Entries follow. Give back exactly the lines starting at the one containing "16.2, 0.0), z_axis=(0.0, 0.0, 1.0), x_axis=(0.0, 1.0, 0.0)))" and ending at the one containing "p6 = place(p5, frame((0.1, 0.0, 0.9)))", and no other lines.

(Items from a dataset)
◆ ◆ ◆ ◆ ◆ ◆ ◆
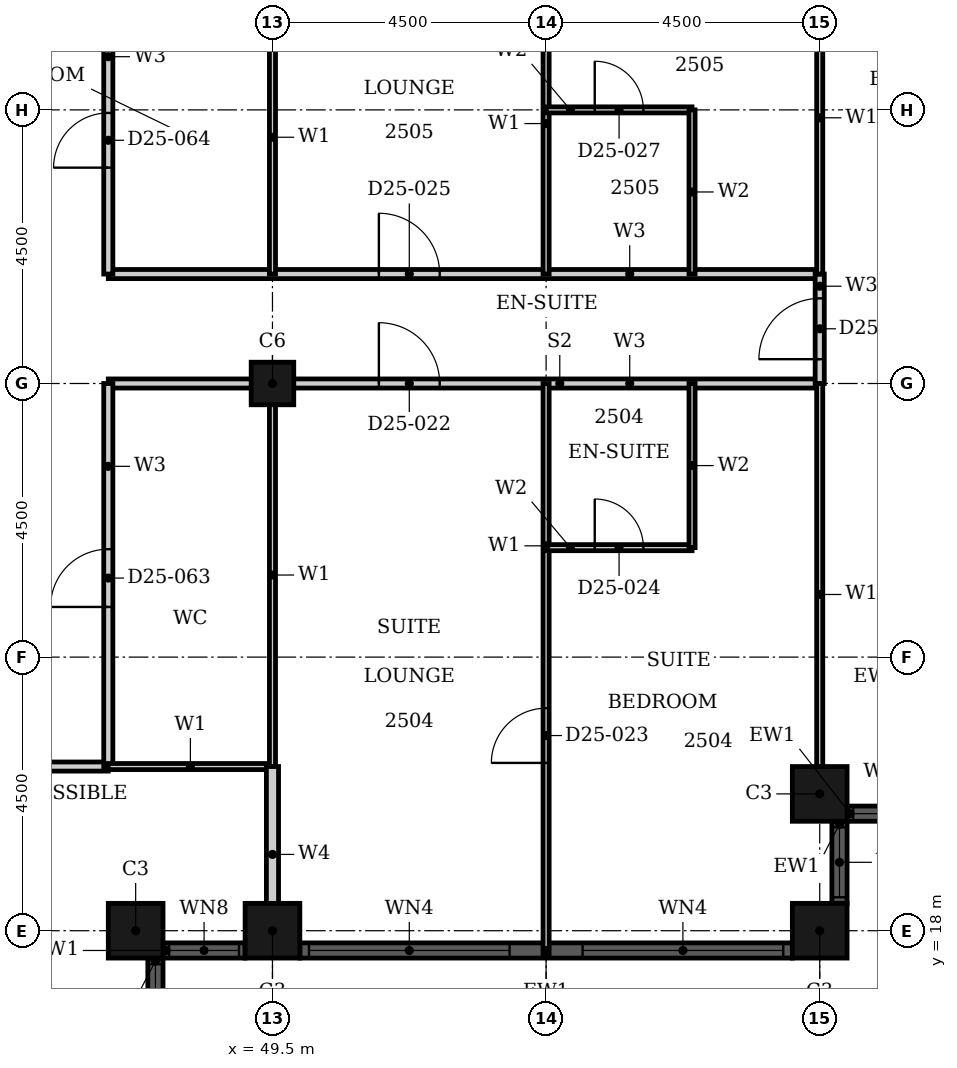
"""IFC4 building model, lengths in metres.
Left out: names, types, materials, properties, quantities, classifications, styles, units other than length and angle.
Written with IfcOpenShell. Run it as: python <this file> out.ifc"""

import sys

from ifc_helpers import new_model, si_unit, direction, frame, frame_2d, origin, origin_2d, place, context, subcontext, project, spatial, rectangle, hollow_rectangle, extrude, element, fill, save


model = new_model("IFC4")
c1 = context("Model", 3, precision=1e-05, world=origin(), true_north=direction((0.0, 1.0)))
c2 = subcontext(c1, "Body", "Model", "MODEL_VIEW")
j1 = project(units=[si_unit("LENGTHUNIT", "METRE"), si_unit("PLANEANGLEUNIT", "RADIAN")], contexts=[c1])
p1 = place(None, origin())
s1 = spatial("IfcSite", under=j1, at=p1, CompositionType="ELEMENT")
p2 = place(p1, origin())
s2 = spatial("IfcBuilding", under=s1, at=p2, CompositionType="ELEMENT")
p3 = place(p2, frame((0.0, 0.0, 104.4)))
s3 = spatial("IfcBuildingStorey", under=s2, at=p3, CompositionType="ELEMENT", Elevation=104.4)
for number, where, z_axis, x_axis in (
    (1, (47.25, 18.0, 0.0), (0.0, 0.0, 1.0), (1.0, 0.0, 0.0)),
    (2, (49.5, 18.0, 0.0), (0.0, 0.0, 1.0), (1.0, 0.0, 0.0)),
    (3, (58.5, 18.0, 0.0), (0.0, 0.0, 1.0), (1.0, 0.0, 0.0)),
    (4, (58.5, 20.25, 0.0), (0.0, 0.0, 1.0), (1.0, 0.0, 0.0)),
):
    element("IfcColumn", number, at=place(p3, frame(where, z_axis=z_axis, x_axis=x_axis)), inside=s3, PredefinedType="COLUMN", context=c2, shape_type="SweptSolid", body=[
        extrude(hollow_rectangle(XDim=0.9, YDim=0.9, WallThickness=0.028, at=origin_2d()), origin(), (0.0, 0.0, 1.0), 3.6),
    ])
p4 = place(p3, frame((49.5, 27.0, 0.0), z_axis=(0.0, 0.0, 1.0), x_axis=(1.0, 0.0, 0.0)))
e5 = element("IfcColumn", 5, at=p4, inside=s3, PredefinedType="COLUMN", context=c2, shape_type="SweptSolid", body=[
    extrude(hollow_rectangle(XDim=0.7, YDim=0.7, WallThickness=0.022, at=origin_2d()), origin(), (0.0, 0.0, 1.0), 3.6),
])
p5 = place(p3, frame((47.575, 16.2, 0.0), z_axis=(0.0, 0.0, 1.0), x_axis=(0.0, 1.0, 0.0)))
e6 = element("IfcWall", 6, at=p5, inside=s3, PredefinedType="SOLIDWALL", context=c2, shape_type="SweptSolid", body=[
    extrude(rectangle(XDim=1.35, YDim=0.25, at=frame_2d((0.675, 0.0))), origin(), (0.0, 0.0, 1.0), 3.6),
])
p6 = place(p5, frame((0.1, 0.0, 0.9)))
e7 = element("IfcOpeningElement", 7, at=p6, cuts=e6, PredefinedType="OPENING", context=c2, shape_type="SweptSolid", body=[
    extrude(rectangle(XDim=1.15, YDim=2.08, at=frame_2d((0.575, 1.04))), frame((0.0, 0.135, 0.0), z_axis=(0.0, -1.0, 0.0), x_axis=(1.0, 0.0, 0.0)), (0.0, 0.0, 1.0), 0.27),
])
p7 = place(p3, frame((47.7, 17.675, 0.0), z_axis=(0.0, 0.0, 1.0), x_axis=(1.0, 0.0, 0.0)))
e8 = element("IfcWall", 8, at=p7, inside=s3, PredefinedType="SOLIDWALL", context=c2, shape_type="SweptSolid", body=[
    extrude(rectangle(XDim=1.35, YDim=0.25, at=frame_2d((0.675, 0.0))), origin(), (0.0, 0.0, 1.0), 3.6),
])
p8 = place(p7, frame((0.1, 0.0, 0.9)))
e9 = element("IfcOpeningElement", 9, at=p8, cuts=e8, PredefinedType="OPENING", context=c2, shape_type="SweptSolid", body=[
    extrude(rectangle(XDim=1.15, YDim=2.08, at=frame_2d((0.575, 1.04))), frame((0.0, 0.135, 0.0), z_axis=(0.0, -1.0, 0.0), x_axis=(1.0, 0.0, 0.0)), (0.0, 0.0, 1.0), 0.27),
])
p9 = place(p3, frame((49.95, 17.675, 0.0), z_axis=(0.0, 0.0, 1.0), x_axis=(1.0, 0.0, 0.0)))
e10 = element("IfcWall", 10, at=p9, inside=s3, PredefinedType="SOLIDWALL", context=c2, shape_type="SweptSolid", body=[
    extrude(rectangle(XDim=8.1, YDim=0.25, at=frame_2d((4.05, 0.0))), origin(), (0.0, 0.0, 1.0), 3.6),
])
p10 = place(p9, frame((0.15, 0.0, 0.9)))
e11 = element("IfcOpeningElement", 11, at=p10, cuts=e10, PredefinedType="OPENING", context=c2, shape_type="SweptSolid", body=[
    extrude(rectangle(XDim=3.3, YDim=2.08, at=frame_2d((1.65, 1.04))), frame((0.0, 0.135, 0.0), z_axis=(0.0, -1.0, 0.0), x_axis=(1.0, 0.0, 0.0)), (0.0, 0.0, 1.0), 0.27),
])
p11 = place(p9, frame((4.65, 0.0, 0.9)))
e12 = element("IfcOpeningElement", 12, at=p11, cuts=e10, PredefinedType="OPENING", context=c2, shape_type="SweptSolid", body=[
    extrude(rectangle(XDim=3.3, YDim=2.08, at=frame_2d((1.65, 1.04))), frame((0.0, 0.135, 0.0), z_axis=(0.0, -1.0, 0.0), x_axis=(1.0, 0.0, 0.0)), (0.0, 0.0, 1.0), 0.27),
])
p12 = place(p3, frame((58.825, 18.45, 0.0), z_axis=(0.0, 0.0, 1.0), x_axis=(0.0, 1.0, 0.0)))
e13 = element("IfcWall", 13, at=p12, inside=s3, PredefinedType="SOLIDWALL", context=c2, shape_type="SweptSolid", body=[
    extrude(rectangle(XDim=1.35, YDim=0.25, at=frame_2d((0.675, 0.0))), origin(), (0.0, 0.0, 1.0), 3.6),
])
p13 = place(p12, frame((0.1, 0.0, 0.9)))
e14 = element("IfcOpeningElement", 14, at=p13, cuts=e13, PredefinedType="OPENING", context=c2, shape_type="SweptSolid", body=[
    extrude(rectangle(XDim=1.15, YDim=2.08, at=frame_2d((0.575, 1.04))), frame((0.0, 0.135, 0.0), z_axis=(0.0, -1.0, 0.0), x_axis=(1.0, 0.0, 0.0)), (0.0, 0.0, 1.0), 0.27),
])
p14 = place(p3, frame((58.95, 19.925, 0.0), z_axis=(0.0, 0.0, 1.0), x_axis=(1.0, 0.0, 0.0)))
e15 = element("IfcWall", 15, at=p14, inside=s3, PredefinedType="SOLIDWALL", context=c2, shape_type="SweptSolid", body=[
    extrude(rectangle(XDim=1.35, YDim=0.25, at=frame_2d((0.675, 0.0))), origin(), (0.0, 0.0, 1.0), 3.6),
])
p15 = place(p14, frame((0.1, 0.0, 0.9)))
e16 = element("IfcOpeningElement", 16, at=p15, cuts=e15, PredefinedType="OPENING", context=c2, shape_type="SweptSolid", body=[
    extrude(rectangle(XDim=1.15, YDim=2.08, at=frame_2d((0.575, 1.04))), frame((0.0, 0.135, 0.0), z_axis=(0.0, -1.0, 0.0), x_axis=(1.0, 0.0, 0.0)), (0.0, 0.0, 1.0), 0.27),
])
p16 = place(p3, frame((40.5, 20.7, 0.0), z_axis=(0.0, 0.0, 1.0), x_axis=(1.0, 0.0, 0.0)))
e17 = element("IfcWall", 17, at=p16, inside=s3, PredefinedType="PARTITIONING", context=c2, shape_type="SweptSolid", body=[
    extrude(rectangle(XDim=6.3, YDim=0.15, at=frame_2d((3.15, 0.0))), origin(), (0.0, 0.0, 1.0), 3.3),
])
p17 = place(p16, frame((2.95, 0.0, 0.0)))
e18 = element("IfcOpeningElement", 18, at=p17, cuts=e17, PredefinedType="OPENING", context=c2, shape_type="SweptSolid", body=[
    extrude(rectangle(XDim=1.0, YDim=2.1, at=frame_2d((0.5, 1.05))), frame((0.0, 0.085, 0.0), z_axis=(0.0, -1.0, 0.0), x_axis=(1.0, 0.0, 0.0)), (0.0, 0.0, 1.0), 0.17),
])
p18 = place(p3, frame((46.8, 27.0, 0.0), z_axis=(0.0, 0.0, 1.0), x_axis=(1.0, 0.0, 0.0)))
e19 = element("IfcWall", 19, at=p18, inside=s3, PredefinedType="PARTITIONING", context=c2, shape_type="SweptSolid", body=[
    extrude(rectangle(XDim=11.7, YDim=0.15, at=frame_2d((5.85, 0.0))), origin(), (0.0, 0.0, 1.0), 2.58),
◆ ◆ ◆ ◆ ◆ ◆ ◆
◆ **Response box**
p5 = place(p3, frame((47.575, 16.2, 0.0), z_axis=(0.0, 0.0, 1.0), x_axis=(0.0, 1.0, 0.0)))
e6 = element("IfcWall", 6, at=p5, inside=s3, PredefinedType="SOLIDWALL", context=c2, shape_type="SweptSolid", body=[
    extrude(rectangle(XDim=1.35, YDim=0.25, at=frame_2d((0.675, 0.0))), origin(), (0.0, 0.0, 1.0), 3.6),
])
p6 = place(p5, frame((0.1, 0.0, 0.9)))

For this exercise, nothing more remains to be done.